*** Opening Data provided ***

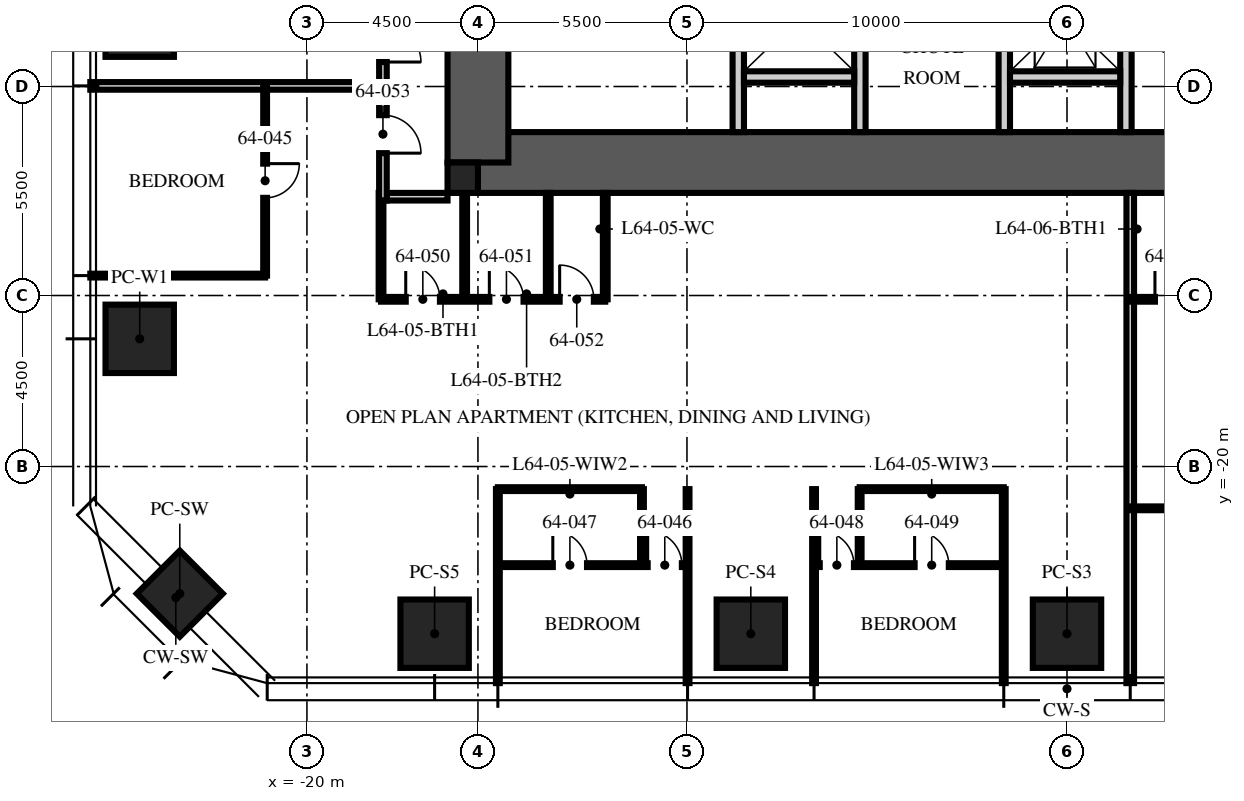
"""IFC4 building model, lengths in metres.
Left out: names, types, materials, properties, quantities, classifications, styles, units other than length and angle.
Written with IfcOpenShell. Run it as: python <this file> out.ifc"""

import sys

from ifc_helpers import new_model, si_unit, direction, frame, frame_2d, origin, origin_2d, place, context, subcontext, project, spatial, rectangle, extrude, element, fill, save


model = new_model("IFC4")
c1 = context("Model", 3, precision=1e-05, world=origin(), true_north=direction((0.0, 1.0)))
c2 = subcontext(c1, "Body", "Model", "MODEL_VIEW")
j1 = project(units=[si_unit("LENGTHUNIT", "METRE"), si_unit("PLANEANGLEUNIT", "RADIAN")], contexts=[c1])
p1 = place(None, origin())
s1 = spatial("IfcSite", under=j1, at=p1, CompositionType="ELEMENT")
p2 = place(p1, origin())
s2 = spatial("IfcBuilding", under=s1, at=p2, CompositionType="ELEMENT")
p3 = place(p2, frame((0.0, 0.0, 255.75)))
s3 = spatial("IfcBuildingStorey", under=s2, at=p3, CompositionType="ELEMENT", Elevation=255.75)
p4 = place(p3, frame((-15.5, -12.0, -0.25), z_axis=(0.0, 0.0, 1.0), x_axis=(1.0, 0.0, 0.0)))
e1 = element("IfcWall", 1, at=p4, inside=s3, PredefinedType="SHEAR", context=c2, shape_type="SweptSolid", body=[
    extrude(rectangle(XDim=31.0, YDim=1.6, at=frame_2d((15.5, 0.0))), origin(), (0.0, 0.0, 1.0), 3.75),
])
p5 = place(p3, frame((-15.5, -12.0, -0.25), z_axis=(0.0, 0.0, 1.0), x_axis=(0.0, 1.0, 0.0)))
e2 = element("IfcWall", 2, at=p5, inside=s3, PredefinedType="SHEAR", context=c2, shape_type="SweptSolid", body=[
    extrude(rectangle(XDim=24.0, YDim=1.6, at=frame_2d((12.0, 0.0))), origin(), (0.0, 0.0, 1.0), 3.75),
])
p6 = place(p5, frame((3.2, 0.0, 0.25)))
e3 = element("IfcOpeningElement", 3, at=p6, cuts=e2, PredefinedType="OPENING", context=c2, shape_type="SweptSolid", body=[
    extrude(rectangle(XDim=1.2, YDim=2.1, at=frame_2d((0.6, 1.05))), frame((0.0, 0.81, 0.0), z_axis=(0.0, -1.0, 0.0), x_axis=(1.0, 0.0, 0.0)), (0.0, 0.0, 1.0), 1.62),
])
p7 = place(p5, frame((19.3, 0.0, 0.25)))
e4 = element("IfcOpeningElement", 4, at=p7, cuts=e2, PredefinedType="OPENING", context=c2, shape_type="SweptSolid", body=[
    extrude(rectangle(XDim=1.8, YDim=2.1, at=frame_2d((0.9, 1.05))), frame((0.0, 0.81, 0.0), z_axis=(0.0, -1.0, 0.0), x_axis=(1.0, 0.0, 0.0)), (0.0, 0.0, 1.0), 1.62),
])
p8 = place(p3, frame((-15.9, -12.4, -0.25), z_axis=(0.0, 0.0, 1.0), x_axis=(1.0, 0.0, 0.0)))
e5 = element("IfcColumn", 5, at=p8, inside=s3, PredefinedType="COLUMN", context=c2, shape_type="SweptSolid", body=[
    extrude(rectangle(XDim=0.8, YDim=0.8, at=origin_2d()), origin(), (0.0, 0.0, 1.0), 3.75),
])
for number, where, z_axis, x_axis in (
    (6, (0.0, -24.4, 0.0), (0.0, 0.0, 1.0), (1.0, 0.0, 0.0)),
    (7, (-8.32, -24.4, 0.0), (0.0, 0.0, 1.0), (1.0, 0.0, 0.0)),
    (8, (-16.64, -24.4, 0.0), (0.0, 0.0, 1.0), (1.0, 0.0, 0.0)),
    (9, (-24.4, -16.64, 0.0), (0.0, 0.0, 1.0), (0.0, 1.0, 0.0)),
    (10, (-24.4, -8.32, 0.0), (0.0, 0.0, 1.0), (0.0, 1.0, 0.0)),
):
    element("IfcColumn", number, at=place(p3, frame(where, z_axis=z_axis, x_axis=x_axis)), inside=s3, PredefinedType="COLUMN", context=c2, shape_type="SweptSolid", body=[
        extrude(rectangle(XDim=1.8, YDim=1.8, at=origin_2d()), origin(), (0.0, 0.0, 1.0), 3.75),
    ])
p9 = place(p3, frame((-23.346, -23.346, 0.0), z_axis=(0.0, 0.0, 1.0), x_axis=(0.707106781187, -0.707106781187, 0.0)))
e11 = element("IfcColumn", 11, at=p9, inside=s3, PredefinedType="COLUMN", context=c2, shape_type="SweptSolid", body=[
    extrude(rectangle(XDim=1.6, YDim=1.6, at=origin_2d()), origin(), (0.0, 0.0, 1.0), 3.75),
])
p10 = place(p3, frame((-8.65, -11.2, 0.0), z_axis=(0.0, 0.0, 1.0), x_axis=(0.0, 1.0, 0.0)))
e12 = element("IfcWall", 12, at=p10, inside=s3, PredefinedType="PARTITIONING", context=c2, shape_type="SweptSolid", body=[
    extrude(rectangle(XDim=6.3, YDim=0.3, at=frame_2d((3.15, 0.0))), origin(), (0.0, 0.0, 1.0), 3.5),
])
p11 = place(p10, frame((2.45, 0.0, 0.0)))
e13 = element("IfcOpeningElement", 13, at=p11, cuts=e12, PredefinedType="OPENING", context=c2, shape_type="SweptSolid", body=[
    extrude(rectangle(XDim=1.1, YDim=2.1, at=frame_2d((0.55, 1.05))), frame((0.0, 0.16, 0.0), z_axis=(0.0, -1.0, 0.0), x_axis=(1.0, 0.0, 0.0)), (0.0, 0.0, 1.0), 0.32),
])
for number, where, z_axis, x_axis in (
    (14, (-5.45, -11.2, 0.0), (0.0, 0.0, 1.0), (0.0, 1.0, 0.0)),
    (15, (-1.65, -11.2, 0.0), (0.0, 0.0, 1.0), (0.0, 1.0, 0.0)),
    (16, (1.55, -11.2, 0.0), (0.0, 0.0, 1.0), (0.0, 1.0, 0.0)),
):
    element("IfcWall", number, at=place(p3, frame(where, z_axis=z_axis, x_axis=x_axis)), inside=s3, PredefinedType="PARTITIONING", context=c2, shape_type="SweptSolid", body=[
        extrude(rectangle(XDim=4.4, YDim=0.3, at=frame_2d((2.2, 0.0))), origin(), (0.0, 0.0, 1.0), 3.5),
    ])
for number, where, z_axis, x_axis in (
    (17, (-8.5, -9.75, 0.0), (0.0, 0.0, 1.0), (1.0, 0.0, 0.0)),
    (18, (-1.5, -9.75, 0.0), (0.0, 0.0, 1.0), (1.0, 0.0, 0.0)),
):
    element("IfcWall", number, at=place(p3, frame(where, z_axis=z_axis, x_axis=x_axis)), inside=s3, PredefinedType="PARTITIONING", context=c2, shape_type="SweptSolid", body=[
        extrude(rectangle(XDim=2.9, YDim=0.3, at=frame_2d((1.45, 0.0))), origin(), (0.0, 0.0, 1.0), 3.5),
    ])
p12 = place(p3, frame((-16.3, -12.9, 0.0), z_axis=(0.0, 0.0, 1.0), x_axis=(-1.0, 0.0, 0.0)))
e19 = element("IfcWall", 19, at=p12, inside=s3, PredefinedType="PARTITIONING", context=c2, shape_type="SweptSolid", body=[
    extrude(rectangle(XDim=1.6, YDim=0.2, at=frame_2d((0.8, 0.0))), origin(), (0.0, 0.0, 1.0), 2.3),
])
p13 = place(p3, frame((-18.1, -9.984, 0.0), z_axis=(0.0, 0.0, 1.0), x_axis=(-1.0, 0.0, 0.0)))
e20 = element("IfcWall", 20, at=p13, inside=s3, PredefinedType="PARTITIONING", context=c2, shape_type="SweptSolid", body=[
    extrude(rectangle(XDim=7.6, YDim=0.2, at=frame_2d((3.8, 0.0))), origin(), (0.0, 0.0, 1.0), 2.91),
])
p14 = place(p3, frame((-21.1, -14.976, 0.0), z_axis=(0.0, 0.0, 1.0), x_axis=(-1.0, 0.0, 0.0)))
e21 = element("IfcWall", 21, at=p14, inside=s3, PredefinedType="PARTITIONING", context=c2, shape_type="SweptSolid", body=[
    extrude(rectangle(XDim=4.6, YDim=0.1, at=frame_2d((2.3, 0.0))), origin(), (0.0, 0.0, 1.0), 2.91),
])
for number, where, z_axis, x_axis in (
    (22, (-14.976, -20.595, 0.0), (0.0, 0.0, 1.0), (0.0, -1.0, 0.0)),
    (23, (-9.984, -20.595, 0.0), (0.0, 0.0, 1.0), (0.0, -1.0, 0.0)),
    (24, (-6.656, -20.595, 0.0), (0.0, 0.0, 1.0), (0.0, -1.0, 0.0)),
    (25, (-1.664, -20.595, 0.0), (0.0, 0.0, 1.0), (0.0, -1.0, 0.0)),
):
    element("IfcWall", number, at=place(p3, frame(where, z_axis=z_axis, x_axis=x_axis)), inside=s3, PredefinedType="PARTITIONING", context=c2, shape_type="SweptSolid", body=[
        extrude(rectangle(XDim=5.105, YDim=0.1, at=frame_2d((2.552, 0.0))), origin(), (0.0, 0.0, 1.0), 2.91),
    ])
p15 = place(p3, frame((1.664, -12.8, 0.0), z_axis=(0.0, 0.0, 1.0), x_axis=(0.0, -1.0, 0.0)))
e26 = element("IfcWall", 26, at=p15, inside=s3, PredefinedType="PARTITIONING", context=c2, shape_type="SweptSolid", body=[
    extrude(rectangle(XDim=12.9, YDim=0.2, at=frame_2d((6.45, 0.0))), origin(), (0.0, 0.0, 1.0), 2.91),
])
p16 = place(p3, frame((-21.1, -9.984, 0.0), z_axis=(0.0, 0.0, 1.0), x_axis=(0.0, -1.0, 0.0)))
e27 = element("IfcWall", 27, at=p16, inside=s3, PredefinedType="PARTITIONING", context=c2, shape_type="SweptSolid", body=[
    extrude(rectangle(XDim=4.992, YDim=0.1, at=frame_2d((2.496, 0.0))), origin(), (0.0, 0.0, 1.0), 2.81),
])
p17 = place(p16, frame((2.046, 0.0, 0.0)))
e28 = element("IfcOpeningElement", 28, at=p17, cuts=e27, PredefinedType="OPENING", context=c2, shape_type="SweptSolid", body=[
    extrude(rectangle(XDim=0.9, YDim=2.1, at=frame_2d((0.45, 1.05))), frame((0.0, 0.06, 0.0), z_axis=(0.0, -1.0, 0.0), x_axis=(1.0, 0.0, 0.0)), (0.0, 0.0, 1.0), 0.12),
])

*** Closing Data provided ***

All lines in the records above that contain "subcontext" are to be reported.

from ifc_helpers import new_model, si_unit, direction, frame, frame_2d, origin, origin_2d, place, context, subcontext, project, spatial, rectangle, extrude, element, fill, save
c2 = subcontext(c1, "Body", "Model", "MODEL_VIEW")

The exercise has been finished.